== Segment start ==

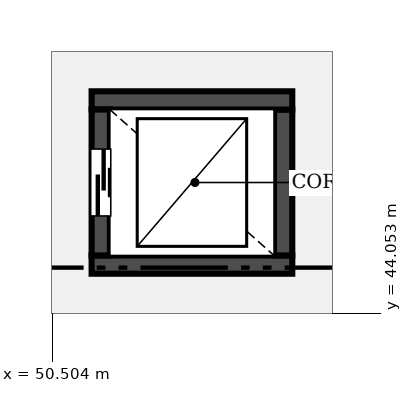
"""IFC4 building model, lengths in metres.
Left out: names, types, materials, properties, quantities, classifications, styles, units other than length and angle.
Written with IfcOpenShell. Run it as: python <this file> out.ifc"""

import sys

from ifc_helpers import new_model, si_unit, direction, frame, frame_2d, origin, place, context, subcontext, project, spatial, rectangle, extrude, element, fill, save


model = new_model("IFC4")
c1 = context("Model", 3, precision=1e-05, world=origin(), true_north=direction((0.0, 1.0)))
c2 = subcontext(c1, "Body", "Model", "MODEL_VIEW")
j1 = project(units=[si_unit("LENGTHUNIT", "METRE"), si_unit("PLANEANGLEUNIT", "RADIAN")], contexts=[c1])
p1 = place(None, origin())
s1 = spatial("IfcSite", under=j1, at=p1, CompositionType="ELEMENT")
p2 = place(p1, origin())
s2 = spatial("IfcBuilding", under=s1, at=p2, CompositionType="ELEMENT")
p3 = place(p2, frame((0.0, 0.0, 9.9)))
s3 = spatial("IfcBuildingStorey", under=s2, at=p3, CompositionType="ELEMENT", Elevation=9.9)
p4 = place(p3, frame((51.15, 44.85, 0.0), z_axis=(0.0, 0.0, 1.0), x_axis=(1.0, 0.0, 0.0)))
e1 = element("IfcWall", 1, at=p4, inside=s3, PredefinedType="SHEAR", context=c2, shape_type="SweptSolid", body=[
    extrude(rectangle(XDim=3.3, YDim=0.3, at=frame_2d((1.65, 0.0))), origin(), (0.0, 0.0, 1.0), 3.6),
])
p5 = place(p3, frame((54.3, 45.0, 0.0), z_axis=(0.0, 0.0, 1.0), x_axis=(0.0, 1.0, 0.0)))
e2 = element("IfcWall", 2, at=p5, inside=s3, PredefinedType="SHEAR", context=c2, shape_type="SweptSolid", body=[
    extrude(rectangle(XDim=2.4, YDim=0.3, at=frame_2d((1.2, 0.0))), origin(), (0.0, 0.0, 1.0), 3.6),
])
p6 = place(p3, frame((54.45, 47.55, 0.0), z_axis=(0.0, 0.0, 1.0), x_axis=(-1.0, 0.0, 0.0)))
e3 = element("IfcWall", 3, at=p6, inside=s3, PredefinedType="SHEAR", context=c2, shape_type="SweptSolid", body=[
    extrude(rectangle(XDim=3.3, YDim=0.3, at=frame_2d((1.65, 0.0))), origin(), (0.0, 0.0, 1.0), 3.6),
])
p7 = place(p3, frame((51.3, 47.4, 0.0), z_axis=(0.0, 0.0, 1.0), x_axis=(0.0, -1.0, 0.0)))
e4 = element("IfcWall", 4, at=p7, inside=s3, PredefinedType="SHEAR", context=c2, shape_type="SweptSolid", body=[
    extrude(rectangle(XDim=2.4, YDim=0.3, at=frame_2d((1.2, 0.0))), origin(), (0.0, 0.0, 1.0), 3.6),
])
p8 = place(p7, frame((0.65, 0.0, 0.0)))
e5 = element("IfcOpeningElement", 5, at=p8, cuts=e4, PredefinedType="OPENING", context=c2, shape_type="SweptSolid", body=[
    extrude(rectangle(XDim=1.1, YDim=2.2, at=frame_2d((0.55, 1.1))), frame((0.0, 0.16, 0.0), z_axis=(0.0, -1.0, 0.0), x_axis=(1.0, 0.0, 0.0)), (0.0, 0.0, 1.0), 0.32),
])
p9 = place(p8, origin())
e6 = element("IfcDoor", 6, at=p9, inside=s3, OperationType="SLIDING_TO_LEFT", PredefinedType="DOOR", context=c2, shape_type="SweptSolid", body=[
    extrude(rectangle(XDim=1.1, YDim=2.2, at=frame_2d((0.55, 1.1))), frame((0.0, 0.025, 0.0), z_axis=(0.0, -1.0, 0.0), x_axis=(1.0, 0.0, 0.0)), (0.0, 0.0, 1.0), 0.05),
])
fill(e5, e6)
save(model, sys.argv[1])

== Segment end ==

Take each line above that contains "SweptSolid" and copy it out.

#### [RESPONSE TO THE EXERCISE]
e1 = element("IfcWall", 1, at=p4, inside=s3, PredefinedType="SHEAR", context=c2, shape_type="SweptSolid", body=[
e2 = element("IfcWall", 2, at=p5, inside=s3, PredefinedType="SHEAR", context=c2, shape_type="SweptSolid", body=[
e3 = element("IfcWall", 3, at=p6, inside=s3, PredefinedType="SHEAR", context=c2, shape_type="SweptSolid", body=[
e4 = element("IfcWall", 4, at=p7, inside=s3, PredefinedType="SHEAR", context=c2, shape_type="SweptSolid", body=[
e5 = element("IfcOpeningElement", 5, at=p8, cuts=e4, PredefinedType="OPENING", context=c2, shape_type="SweptSolid", body=[
e6 = element("IfcDoor", 6, at=p9, inside=s3, OperationType="SLIDING_TO_LEFT", PredefinedType="DOOR", context=c2, shape_type="SweptSolid", body=[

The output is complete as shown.